Copy each line from the entries that the word "drawing" appears in.

Provided information below:

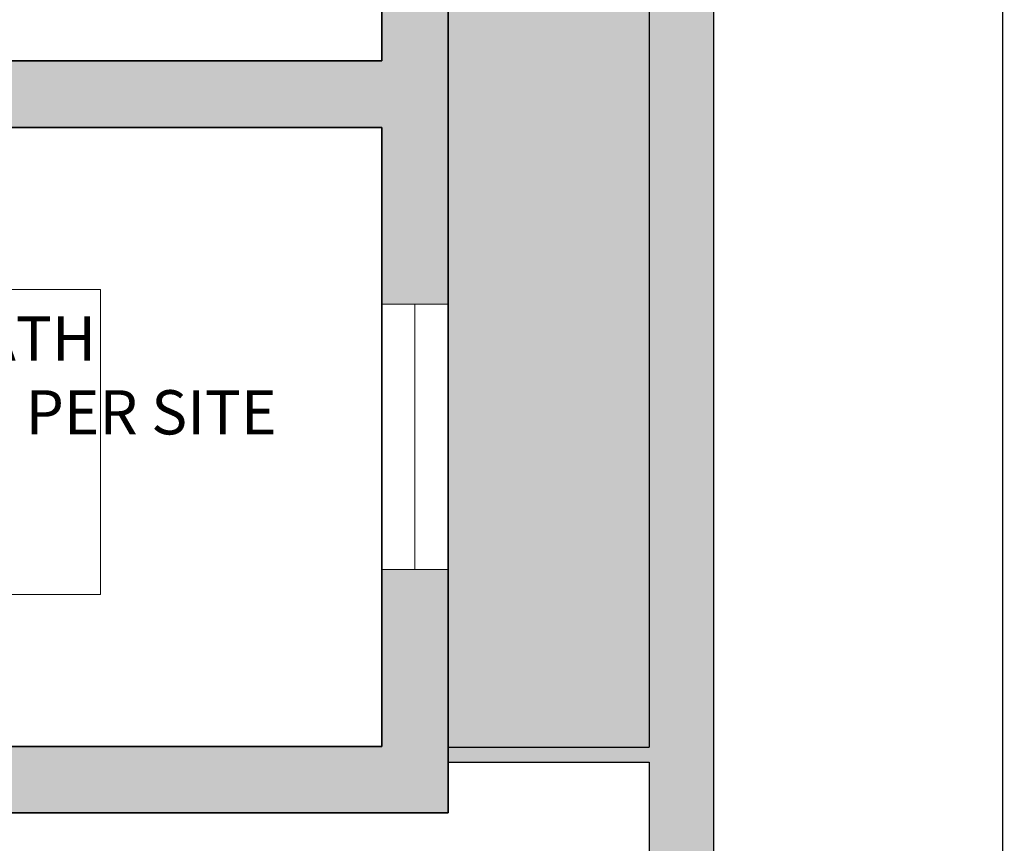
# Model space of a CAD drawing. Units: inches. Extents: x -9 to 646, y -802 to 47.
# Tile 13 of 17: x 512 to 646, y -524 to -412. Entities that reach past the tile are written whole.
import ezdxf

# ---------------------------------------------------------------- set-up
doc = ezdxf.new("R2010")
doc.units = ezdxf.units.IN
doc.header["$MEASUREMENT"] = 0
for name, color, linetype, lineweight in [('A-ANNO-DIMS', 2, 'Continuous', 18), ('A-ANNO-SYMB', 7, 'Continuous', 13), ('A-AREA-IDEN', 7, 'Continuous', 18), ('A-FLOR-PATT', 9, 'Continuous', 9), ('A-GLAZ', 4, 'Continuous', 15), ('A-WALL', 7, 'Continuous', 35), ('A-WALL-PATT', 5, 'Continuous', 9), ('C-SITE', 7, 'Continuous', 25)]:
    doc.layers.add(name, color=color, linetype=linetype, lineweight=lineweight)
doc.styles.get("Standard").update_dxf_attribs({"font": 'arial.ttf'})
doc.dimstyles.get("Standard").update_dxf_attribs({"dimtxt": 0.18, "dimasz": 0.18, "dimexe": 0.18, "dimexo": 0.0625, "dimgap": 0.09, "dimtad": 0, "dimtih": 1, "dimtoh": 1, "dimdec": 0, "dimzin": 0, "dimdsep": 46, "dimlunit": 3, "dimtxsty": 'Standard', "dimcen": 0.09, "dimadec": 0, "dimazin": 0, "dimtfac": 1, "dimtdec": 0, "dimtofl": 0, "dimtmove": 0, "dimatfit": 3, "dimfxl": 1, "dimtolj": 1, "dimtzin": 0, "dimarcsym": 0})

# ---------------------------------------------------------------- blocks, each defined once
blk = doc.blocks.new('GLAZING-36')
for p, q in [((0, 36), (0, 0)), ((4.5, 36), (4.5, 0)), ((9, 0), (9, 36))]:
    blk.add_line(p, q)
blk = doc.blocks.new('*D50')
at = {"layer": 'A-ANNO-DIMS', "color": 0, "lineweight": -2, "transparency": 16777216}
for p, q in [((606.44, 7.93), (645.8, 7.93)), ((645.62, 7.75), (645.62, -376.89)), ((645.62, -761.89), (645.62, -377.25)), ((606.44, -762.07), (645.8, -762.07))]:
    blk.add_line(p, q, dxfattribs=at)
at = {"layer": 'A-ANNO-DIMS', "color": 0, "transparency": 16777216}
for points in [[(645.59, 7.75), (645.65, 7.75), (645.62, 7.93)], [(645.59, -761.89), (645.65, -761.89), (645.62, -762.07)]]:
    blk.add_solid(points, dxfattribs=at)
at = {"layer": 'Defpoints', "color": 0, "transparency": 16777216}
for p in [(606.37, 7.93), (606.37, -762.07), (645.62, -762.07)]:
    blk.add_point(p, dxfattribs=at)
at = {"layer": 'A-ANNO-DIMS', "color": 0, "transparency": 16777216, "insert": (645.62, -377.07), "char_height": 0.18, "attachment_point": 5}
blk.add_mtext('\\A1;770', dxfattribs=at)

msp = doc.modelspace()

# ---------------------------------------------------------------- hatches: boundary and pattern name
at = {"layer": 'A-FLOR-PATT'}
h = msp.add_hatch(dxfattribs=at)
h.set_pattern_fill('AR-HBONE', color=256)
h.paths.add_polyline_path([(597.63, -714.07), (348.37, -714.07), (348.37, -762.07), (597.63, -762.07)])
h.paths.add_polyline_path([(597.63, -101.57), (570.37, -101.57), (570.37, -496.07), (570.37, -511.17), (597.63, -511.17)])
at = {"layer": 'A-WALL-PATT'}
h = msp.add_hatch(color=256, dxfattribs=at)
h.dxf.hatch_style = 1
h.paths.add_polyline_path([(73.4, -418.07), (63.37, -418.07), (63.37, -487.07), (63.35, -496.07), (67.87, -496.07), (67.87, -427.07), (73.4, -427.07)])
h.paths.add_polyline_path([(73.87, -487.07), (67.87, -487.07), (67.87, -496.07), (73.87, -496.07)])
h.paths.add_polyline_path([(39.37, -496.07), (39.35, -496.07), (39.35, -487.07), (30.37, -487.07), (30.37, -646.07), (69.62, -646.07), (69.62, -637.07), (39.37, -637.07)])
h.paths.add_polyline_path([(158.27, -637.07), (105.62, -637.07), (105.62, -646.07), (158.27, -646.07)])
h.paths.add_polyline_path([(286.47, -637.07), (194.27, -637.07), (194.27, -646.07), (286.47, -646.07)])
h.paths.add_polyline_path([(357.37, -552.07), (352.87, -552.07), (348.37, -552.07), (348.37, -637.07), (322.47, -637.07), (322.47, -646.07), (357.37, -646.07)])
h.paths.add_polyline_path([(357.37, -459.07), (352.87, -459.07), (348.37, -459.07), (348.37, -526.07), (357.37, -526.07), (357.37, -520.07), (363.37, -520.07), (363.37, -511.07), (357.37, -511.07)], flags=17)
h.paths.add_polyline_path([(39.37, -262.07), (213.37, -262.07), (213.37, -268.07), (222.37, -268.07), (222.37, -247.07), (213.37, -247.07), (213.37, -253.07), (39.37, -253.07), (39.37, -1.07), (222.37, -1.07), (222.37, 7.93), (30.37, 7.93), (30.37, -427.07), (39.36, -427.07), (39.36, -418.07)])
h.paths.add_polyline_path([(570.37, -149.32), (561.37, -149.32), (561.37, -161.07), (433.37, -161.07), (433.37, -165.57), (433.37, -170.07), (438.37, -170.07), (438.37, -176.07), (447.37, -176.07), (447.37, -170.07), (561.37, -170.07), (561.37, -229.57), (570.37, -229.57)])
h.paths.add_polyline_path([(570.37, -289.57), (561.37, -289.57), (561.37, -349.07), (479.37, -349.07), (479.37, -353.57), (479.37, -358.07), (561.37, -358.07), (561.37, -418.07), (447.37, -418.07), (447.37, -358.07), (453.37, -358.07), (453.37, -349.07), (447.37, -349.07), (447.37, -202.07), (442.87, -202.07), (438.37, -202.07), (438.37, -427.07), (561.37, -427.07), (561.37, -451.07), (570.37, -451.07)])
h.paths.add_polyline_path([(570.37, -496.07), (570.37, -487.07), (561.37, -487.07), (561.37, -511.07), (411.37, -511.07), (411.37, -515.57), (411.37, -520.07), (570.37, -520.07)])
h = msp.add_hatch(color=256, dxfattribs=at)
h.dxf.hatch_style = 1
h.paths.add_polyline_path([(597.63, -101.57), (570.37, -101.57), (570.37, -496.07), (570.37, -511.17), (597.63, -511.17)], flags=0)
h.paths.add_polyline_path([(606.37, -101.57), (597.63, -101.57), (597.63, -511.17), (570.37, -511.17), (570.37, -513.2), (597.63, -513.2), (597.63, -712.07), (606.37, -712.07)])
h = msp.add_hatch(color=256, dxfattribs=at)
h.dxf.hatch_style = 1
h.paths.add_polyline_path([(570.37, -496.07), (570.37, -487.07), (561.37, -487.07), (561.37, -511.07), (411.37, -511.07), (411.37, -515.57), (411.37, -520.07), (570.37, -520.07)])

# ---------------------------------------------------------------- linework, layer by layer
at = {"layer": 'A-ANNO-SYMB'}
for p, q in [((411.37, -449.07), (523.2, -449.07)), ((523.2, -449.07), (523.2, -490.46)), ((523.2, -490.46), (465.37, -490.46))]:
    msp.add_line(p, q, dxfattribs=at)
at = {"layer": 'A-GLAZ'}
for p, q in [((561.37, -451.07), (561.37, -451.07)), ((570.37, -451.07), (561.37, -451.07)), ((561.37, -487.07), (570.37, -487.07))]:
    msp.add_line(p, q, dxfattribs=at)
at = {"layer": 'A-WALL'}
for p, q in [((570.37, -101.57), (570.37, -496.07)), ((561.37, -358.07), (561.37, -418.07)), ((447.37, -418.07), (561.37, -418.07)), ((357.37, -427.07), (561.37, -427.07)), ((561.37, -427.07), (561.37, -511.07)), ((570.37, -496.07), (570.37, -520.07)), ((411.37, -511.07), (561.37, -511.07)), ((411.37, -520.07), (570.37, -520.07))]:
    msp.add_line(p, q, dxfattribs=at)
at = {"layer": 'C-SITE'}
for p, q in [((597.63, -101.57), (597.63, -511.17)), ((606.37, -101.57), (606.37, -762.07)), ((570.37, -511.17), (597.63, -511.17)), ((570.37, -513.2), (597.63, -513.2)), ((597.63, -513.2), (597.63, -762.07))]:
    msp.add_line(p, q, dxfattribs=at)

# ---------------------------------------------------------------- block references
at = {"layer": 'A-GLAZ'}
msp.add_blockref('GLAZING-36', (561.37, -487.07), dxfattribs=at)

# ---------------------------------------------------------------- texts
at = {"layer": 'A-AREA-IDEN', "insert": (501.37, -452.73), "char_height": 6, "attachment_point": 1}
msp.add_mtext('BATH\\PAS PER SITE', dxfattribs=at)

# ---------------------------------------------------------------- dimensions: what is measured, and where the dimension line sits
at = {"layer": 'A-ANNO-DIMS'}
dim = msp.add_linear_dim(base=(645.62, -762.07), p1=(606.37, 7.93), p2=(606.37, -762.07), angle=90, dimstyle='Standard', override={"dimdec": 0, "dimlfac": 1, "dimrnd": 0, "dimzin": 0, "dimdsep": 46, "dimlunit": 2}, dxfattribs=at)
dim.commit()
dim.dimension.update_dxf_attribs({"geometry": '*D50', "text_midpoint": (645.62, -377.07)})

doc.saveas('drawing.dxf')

End of Provided information.

### Solution to this task:
# Model space of a CAD drawing. Units: inches. Extents: x -9 to 646, y -802 to 47.
doc.saveas('drawing.dxf')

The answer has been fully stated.